Exercise description:
Write out the listing, please, but only from its first line through the line containing "placement = place(None, origin())", exactly as given and without pictures.

Dataset:
────────────────

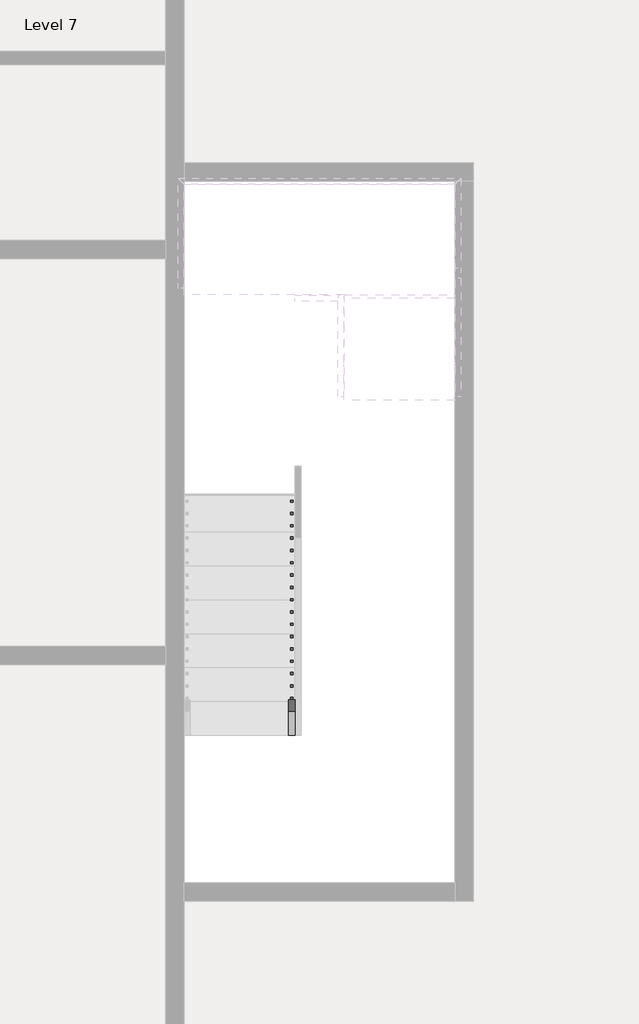
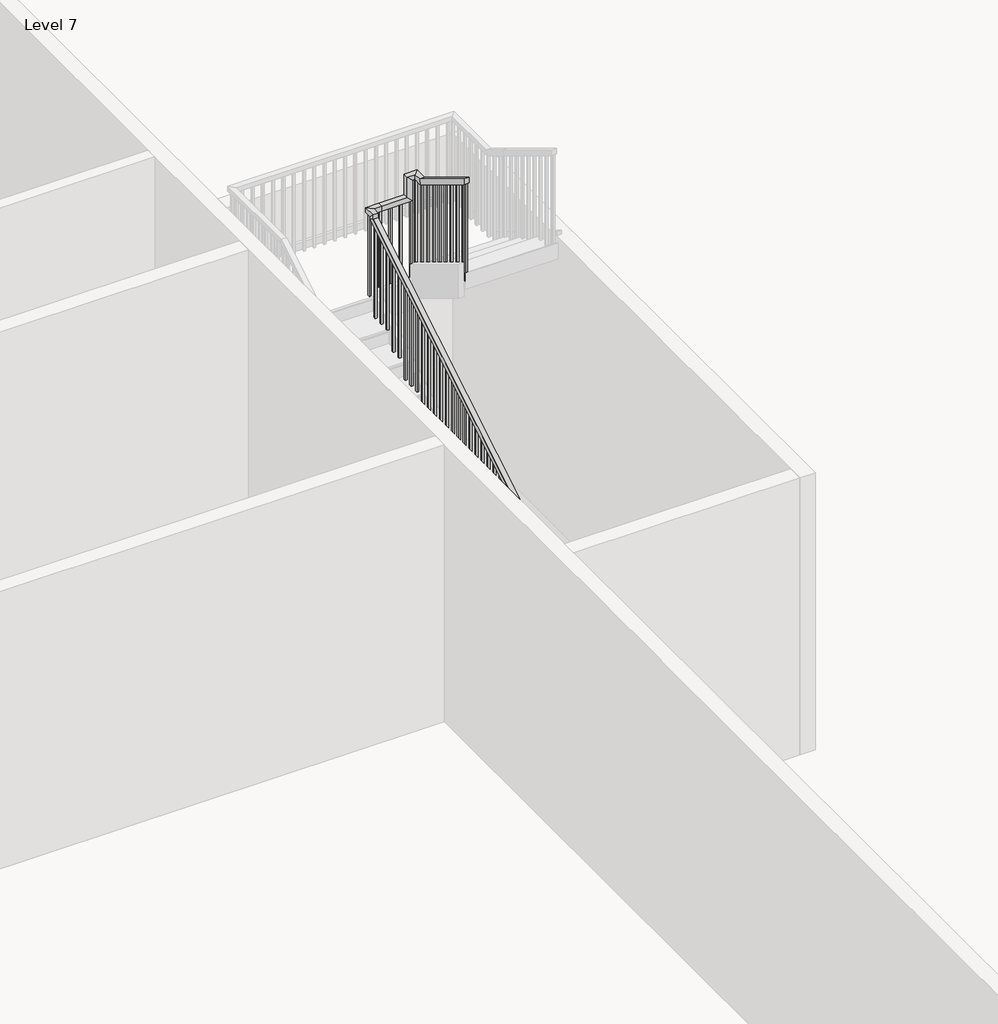
# One storey, part 5 of 8: 1 railing.
"""IFC4 building model written with IfcOpenShell, lengths in millimetres."""

from ifc_helpers import new_model, si_unit, frame, origin, place, context, project, spatial, polyline, outline, extrude, faceted_brep, element, save

model = new_model("IFC4")

# Units and contexts
model_context = context("Model", 3, world=origin())
ifc_project = project(units=[si_unit("LENGTHUNIT", "METRE", prefix="MILLI")], contexts=[model_context])

# Site, building, storey
site = spatial("IfcSite", under=ifc_project)
building = spatial("IfcBuilding", under=site)
storey = spatial("IfcBuildingStorey", under=building, Name="Level 7", Elevation=43522.6172466)

# Railing
placement = place(None, origin())
element("IfcRailing", 1, ObjectType="Handrail - Rectangular", at=placement, inside=storey, context=model_context, shape_type="SolidModel", body=[
    faceted_brep([(-2753.8415084, -23154.3851539, 44606.3505799), (-2753.8415084, -23154.3851539, 44546.9491197), (-2703.0415084, -23154.3851539, 44546.9491197), (-2703.0415084, -23154.3851539, 44606.3505799), (-2753.8415084, -19598.3851539, 46761.5020951), (-2753.8415084, -19547.5851539, 46732.8885136), (-2703.0415084, -19547.5851539, 46732.8885136), (-2703.0415084, -19598.3851539, 46761.5020951), (-2753.8415084, -19598.3851539, 46807.6839133), (-2753.8415084, -19547.5851539, 46756.8839133), (-2703.0415084, -19547.5851539, 46756.8839133), (-2703.0415084, -19598.3851539, 46807.6839133), (-2753.8415084, -19471.3851539, 46807.6839133), (-2753.8415084, -19471.3851539, 46756.8839133), (-2703.0415084, -19522.1851539, 46756.8839133), (-2703.0415084, -19522.1851539, 46807.6839133), (-2626.8415084, -19471.3851539, 46807.6839133), (-2626.8415084, -19471.3851539, 46756.8839133), (-2626.8415084, -19522.1851539, 46756.8839133), (-2626.8415084, -19522.1851539, 46807.6839133), (-2372.8415084, -19471.3851539, 46807.6839133), (-2322.0415084, -19471.3851539, 46756.8839133), (-2322.0415084, -19522.1851539, 46756.8839133), (-2372.8415084, -19522.1851539, 46807.6839133), (-2372.8415084, -19471.3851539, 47023.1990648), (-2322.0415084, -19471.3851539, 46972.3990648), (-2322.0415084, -19522.1851539, 46972.3990648), (-2372.8415084, -19522.1851539, 47023.1990648), (-2245.8415084, -19471.3851539, 47023.1990648), (-2245.8415084, -19471.3851539, 46972.3990648), (-2296.6415084, -19522.1851539, 46972.3990648), (-2296.6415084, -19522.1851539, 47023.1990648), (-2245.8415084, -19598.3851539, 47023.1990648), (-2245.8415084, -19612.5775633, 46972.3990648), (-2296.6415084, -19612.5775633, 46972.3990648), (-2296.6415084, -19598.3851539, 47023.1990648), (-2245.8415084, -20360.3851539, 47485.0172466), (-2296.6415084, -20360.3851539, 47485.0172466), (-2296.6415084, -20360.3851539, 47425.6157863), (-2245.8415084, -20360.3851539, 47425.6157863)], [[[0, 1, 2, 3]], [[1, 0, 4, 5]], [[2, 1, 5, 6]], [[3, 2, 6, 7]], [[0, 3, 7, 4]], [[5, 4, 8, 9]], [[6, 5, 9, 10]], [[7, 6, 10, 11]], [[4, 7, 11, 8]], [[9, 8, 12, 13]], [[10, 9, 13, 14]], [[11, 10, 14, 15]], [[8, 11, 15, 12]], [[13, 12, 16, 17]], [[14, 13, 17, 18]], [[15, 14, 18, 19]], [[12, 15, 19, 16]], [[17, 16, 20, 21]], [[18, 17, 21, 22]], [[19, 18, 22, 23]], [[16, 19, 23, 20]], [[21, 20, 24, 25]], [[22, 21, 25, 26]], [[23, 22, 26, 27]], [[20, 23, 27, 24]], [[25, 24, 28, 29]], [[26, 25, 29, 30]], [[27, 26, 30, 31]], [[24, 27, 31, 28]], [[29, 28, 32, 33]], [[30, 29, 33, 34]], [[31, 30, 34, 35]], [[28, 31, 35, 32]], [[36, 37, 38, 39]], [[33, 32, 36, 39]], [[34, 33, 39, 38]], [[35, 34, 38, 37]], [[32, 35, 37, 36]]]),
    extrude(outline(polyline([(-20319.1101539, 47400.6006348), (-20300.0601539, 47389.0551803), (-20300.0601539, 46401.2839133), (-20319.1101539, 46401.2839133), (-20319.1101539, 47400.6006348)])), frame((-2280.7665084, 0.0, 0.0), z_axis=(1.0, 0.0, 0.0), x_axis=(0.0, 1.0, 0.0)), (0.0, 0.0, 1.0), 19.05),
    extrude(outline(polyline([(-20217.5101539, 47339.0248773), (-20198.4601539, 47327.4794227), (-20198.4601539, 46401.2839133), (-20217.5101539, 46401.2839133), (-20217.5101539, 47339.0248773)])), frame((-2280.7665084, 0.0, 0.0), z_axis=(1.0, 0.0, 0.0), x_axis=(0.0, 1.0, 0.0)), (0.0, 0.0, 1.0), 19.05),
    extrude(outline(polyline([(-20115.9101539, 47277.4491197), (-20096.8601539, 47265.9036651), (-20096.8601539, 46401.2839133), (-20115.9101539, 46401.2839133), (-20115.9101539, 47277.4491197)])), frame((-2280.7665084, 0.0, 0.0), z_axis=(1.0, 0.0, 0.0), x_axis=(0.0, 1.0, 0.0)), (0.0, 0.0, 1.0), 19.05),
    extrude(outline(polyline([(-20014.3101539, 47215.8733621), (-19995.2601539, 47204.3279076), (-19995.2601539, 46231.9505799), (-20014.3101539, 46231.9505799), (-20014.3101539, 47215.8733621)])), frame((-2280.7665084, 0.0, 0.0), z_axis=(1.0, 0.0, 0.0), x_axis=(0.0, 1.0, 0.0)), (0.0, 0.0, 1.0), 19.05),
    extrude(outline(polyline([(-19912.7101539, 47154.2976045), (-19893.6601539, 47142.75215), (-19893.6601539, 46231.9505799), (-19912.7101539, 46231.9505799), (-19912.7101539, 47154.2976045)])), frame((-2280.7665084, 0.0, 0.0), z_axis=(1.0, 0.0, 0.0), x_axis=(0.0, 1.0, 0.0)), (0.0, 0.0, 1.0), 19.05),
    extrude(outline(polyline([(-19811.1101539, 47092.721847), (-19792.0601539, 47081.1763924), (-19792.0601539, 46231.9505799), (-19811.1101539, 46231.9505799), (-19811.1101539, 47092.721847)])), frame((-2280.7665084, 0.0, 0.0), z_axis=(1.0, 0.0, 0.0), x_axis=(0.0, 1.0, 0.0)), (0.0, 0.0, 1.0), 19.05),
    extrude(outline(polyline([(-19709.5101539, 47031.1460894), (-19690.4601539, 47019.6006348), (-19690.4601539, 46062.6172466), (-19709.5101539, 46062.6172466), (-19709.5101539, 47031.1460894)])), frame((-2280.7665084, 0.0, 0.0), z_axis=(1.0, 0.0, 0.0), x_axis=(0.0, 1.0, 0.0)), (0.0, 0.0, 1.0), 19.05),
    extrude(outline(polyline([(-19607.9101539, 46969.5703318), (-19588.8601539, 46958.0248773), (-19588.8601539, 46062.6172466), (-19607.9101539, 46062.6172466), (-19607.9101539, 46969.5703318)])), frame((-2280.7665084, 0.0, 0.0), z_axis=(1.0, 0.0, 0.0), x_axis=(0.0, 1.0, 0.0)), (0.0, 0.0, 1.0), 19.05),
    extrude(outline(polyline([(-2331.5665084, -19506.3101539), (-2331.5665084, -19487.2601539), (-2312.5165084, -19487.2601539), (-2312.5165084, -19506.3101539), (-2331.5665084, -19506.3101539)])), frame((0.0, 0.0, 45893.2839133), z_axis=(0.0, 0.0, 1.0), x_axis=(1.0, 0.0, 0.0)), (0.0, 0.0, 1.0), 1079.1151515),
    extrude(outline(polyline([(-2433.1665084, -19506.3101539), (-2433.1665084, -19487.2601539), (-2414.1165084, -19487.2601539), (-2414.1165084, -19506.3101539), (-2433.1665084, -19506.3101539)])), frame((0.0, 0.0, 45893.2839133), z_axis=(0.0, 0.0, 1.0), x_axis=(1.0, 0.0, 0.0)), (0.0, 0.0, 1.0), 863.6),
    extrude(outline(polyline([(-2534.7665084, -19506.3101539), (-2534.7665084, -19487.2601539), (-2515.7165084, -19487.2601539), (-2515.7165084, -19506.3101539), (-2534.7665084, -19506.3101539)])), frame((0.0, 0.0, 45893.2839133), z_axis=(0.0, 0.0, 1.0), x_axis=(1.0, 0.0, 0.0)), (0.0, 0.0, 1.0), 863.6),
    extrude(outline(polyline([(-2636.3665084, -19506.3101539), (-2636.3665084, -19487.2601539), (-2617.3165084, -19487.2601539), (-2617.3165084, -19506.3101539), (-2636.3665084, -19506.3101539)])), frame((0.0, 0.0, 45893.2839133), z_axis=(0.0, 0.0, 1.0), x_axis=(1.0, 0.0, 0.0)), (0.0, 0.0, 1.0), 863.6),
    extrude(outline(polyline([(-19607.9101539, 46696.3279076), (-19588.8601539, 46707.8733621), (-19588.8601539, 45723.9505799), (-19607.9101539, 45723.9505799), (-19607.9101539, 46696.3279076)])), frame((-2737.9665084, 0.0, 0.0), z_axis=(1.0, 0.0, 0.0), x_axis=(0.0, 1.0, 0.0)), (0.0, 0.0, 1.0), 19.05),
    extrude(outline(polyline([(-19709.5101539, 46634.75215), (-19690.4601539, 46646.2976045), (-19690.4601539, 45723.9505799), (-19709.5101539, 45723.9505799), (-19709.5101539, 46634.75215)])), frame((-2737.9665084, 0.0, 0.0), z_axis=(1.0, 0.0, 0.0), x_axis=(0.0, 1.0, 0.0)), (0.0, 0.0, 1.0), 19.05),
    extrude(outline(polyline([(-19811.1101539, 46573.1763924), (-19792.0601539, 46584.721847), (-19792.0601539, 45723.9505799), (-19811.1101539, 45723.9505799), (-19811.1101539, 46573.1763924)])), frame((-2737.9665084, 0.0, 0.0), z_axis=(1.0, 0.0, 0.0), x_axis=(0.0, 1.0, 0.0)), (0.0, 0.0, 1.0), 19.05),
    extrude(outline(polyline([(-19912.7101539, 46511.6006348), (-19893.6601539, 46523.1460894), (-19893.6601539, 45554.6172466), (-19912.7101539, 45554.6172466), (-19912.7101539, 46511.6006348)])), frame((-2737.9665084, 0.0, 0.0), z_axis=(1.0, 0.0, 0.0), x_axis=(0.0, 1.0, 0.0)), (0.0, 0.0, 1.0), 19.05),
    extrude(outline(polyline([(-20014.3101539, 46450.0248773), (-19995.2601539, 46461.5703318), (-19995.2601539, 45554.6172466), (-20014.3101539, 45554.6172466), (-20014.3101539, 46450.0248773)])), frame((-2737.9665084, 0.0, 0.0), z_axis=(1.0, 0.0, 0.0), x_axis=(0.0, 1.0, 0.0)), (0.0, 0.0, 1.0), 19.05),
    extrude(outline(polyline([(-20115.9101539, 46388.4491197), (-20096.8601539, 46399.9945742), (-20096.8601539, 45385.2839133), (-20115.9101539, 45385.2839133), (-20115.9101539, 46388.4491197)])), frame((-2737.9665084, 0.0, 0.0), z_axis=(1.0, 0.0, 0.0), x_axis=(0.0, 1.0, 0.0)), (0.0, 0.0, 1.0), 19.05),
    extrude(outline(polyline([(-20217.5101539, 46326.8733621), (-20198.4601539, 46338.4188166), (-20198.4601539, 45385.2839133), (-20217.5101539, 45385.2839133), (-20217.5101539, 46326.8733621)])), frame((-2737.9665084, 0.0, 0.0), z_axis=(1.0, 0.0, 0.0), x_axis=(0.0, 1.0, 0.0)), (0.0, 0.0, 1.0), 19.05),
    extrude(outline(polyline([(-20319.1101539, 46265.2976045), (-20300.0601539, 46276.8430591), (-20300.0601539, 45385.2839133), (-20319.1101539, 45385.2839133), (-20319.1101539, 46265.2976045)])), frame((-2737.9665084, 0.0, 0.0), z_axis=(1.0, 0.0, 0.0), x_axis=(0.0, 1.0, 0.0)), (0.0, 0.0, 1.0), 19.05),
    extrude(outline(polyline([(-20420.7101539, 46203.721847), (-20401.6601539, 46215.2673015), (-20401.6601539, 45215.9505799), (-20420.7101539, 45215.9505799), (-20420.7101539, 46203.721847)])), frame((-2737.9665084, 0.0, 0.0), z_axis=(1.0, 0.0, 0.0), x_axis=(0.0, 1.0, 0.0)), (0.0, 0.0, 1.0), 19.05),
    extrude(outline(polyline([(-20522.3101539, 46142.1460894), (-20503.2601539, 46153.6915439), (-20503.2601539, 45215.9505799), (-20522.3101539, 45215.9505799), (-20522.3101539, 46142.1460894)])), frame((-2737.9665084, 0.0, 0.0), z_axis=(1.0, 0.0, 0.0), x_axis=(0.0, 1.0, 0.0)), (0.0, 0.0, 1.0), 19.05),
    extrude(outline(polyline([(-20623.9101539, 46080.5703318), (-20604.8601539, 46092.1157863), (-20604.8601539, 45215.9505799), (-20623.9101539, 45215.9505799), (-20623.9101539, 46080.5703318)])), frame((-2737.9665084, 0.0, 0.0), z_axis=(1.0, 0.0, 0.0), x_axis=(0.0, 1.0, 0.0)), (0.0, 0.0, 1.0), 19.05),
    extrude(outline(polyline([(-20725.5101539, 46018.9945742), (-20706.4601539, 46030.5400288), (-20706.4601539, 45046.6172466), (-20725.5101539, 45046.6172466), (-20725.5101539, 46018.9945742)])), frame((-2737.9665084, 0.0, 0.0), z_axis=(1.0, 0.0, 0.0), x_axis=(0.0, 1.0, 0.0)), (0.0, 0.0, 1.0), 19.05),
    extrude(outline(polyline([(-20827.1101539, 45957.4188166), (-20808.0601539, 45968.9642712), (-20808.0601539, 45046.6172466), (-20827.1101539, 45046.6172466), (-20827.1101539, 45957.4188166)])), frame((-2737.9665084, 0.0, 0.0), z_axis=(1.0, 0.0, 0.0), x_axis=(0.0, 1.0, 0.0)), (0.0, 0.0, 1.0), 19.05),
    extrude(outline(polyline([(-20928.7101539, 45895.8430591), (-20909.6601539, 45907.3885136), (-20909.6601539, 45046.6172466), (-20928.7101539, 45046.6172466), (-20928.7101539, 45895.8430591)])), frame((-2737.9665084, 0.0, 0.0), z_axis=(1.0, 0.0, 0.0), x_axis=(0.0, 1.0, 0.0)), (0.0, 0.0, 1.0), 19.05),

────────────────

Problem solution:
# One storey, part 5 of 8: 1 railing.
"""IFC4 building model written with IfcOpenShell, lengths in millimetres."""

from ifc_helpers import new_model, si_unit, frame, origin, place, context, project, spatial, polyline, outline, extrude, faceted_brep, element, save

model = new_model("IFC4")

# Units and contexts
model_context = context("Model", 3, world=origin())
ifc_project = project(units=[si_unit("LENGTHUNIT", "METRE", prefix="MILLI")], contexts=[model_context])

# Site, building, storey
site = spatial("IfcSite", under=ifc_project)
building = spatial("IfcBuilding", under=site)
storey = spatial("IfcBuildingStorey", under=building, Name="Level 7", Elevation=43522.6172466)

# Railing
placement = place(None, origin())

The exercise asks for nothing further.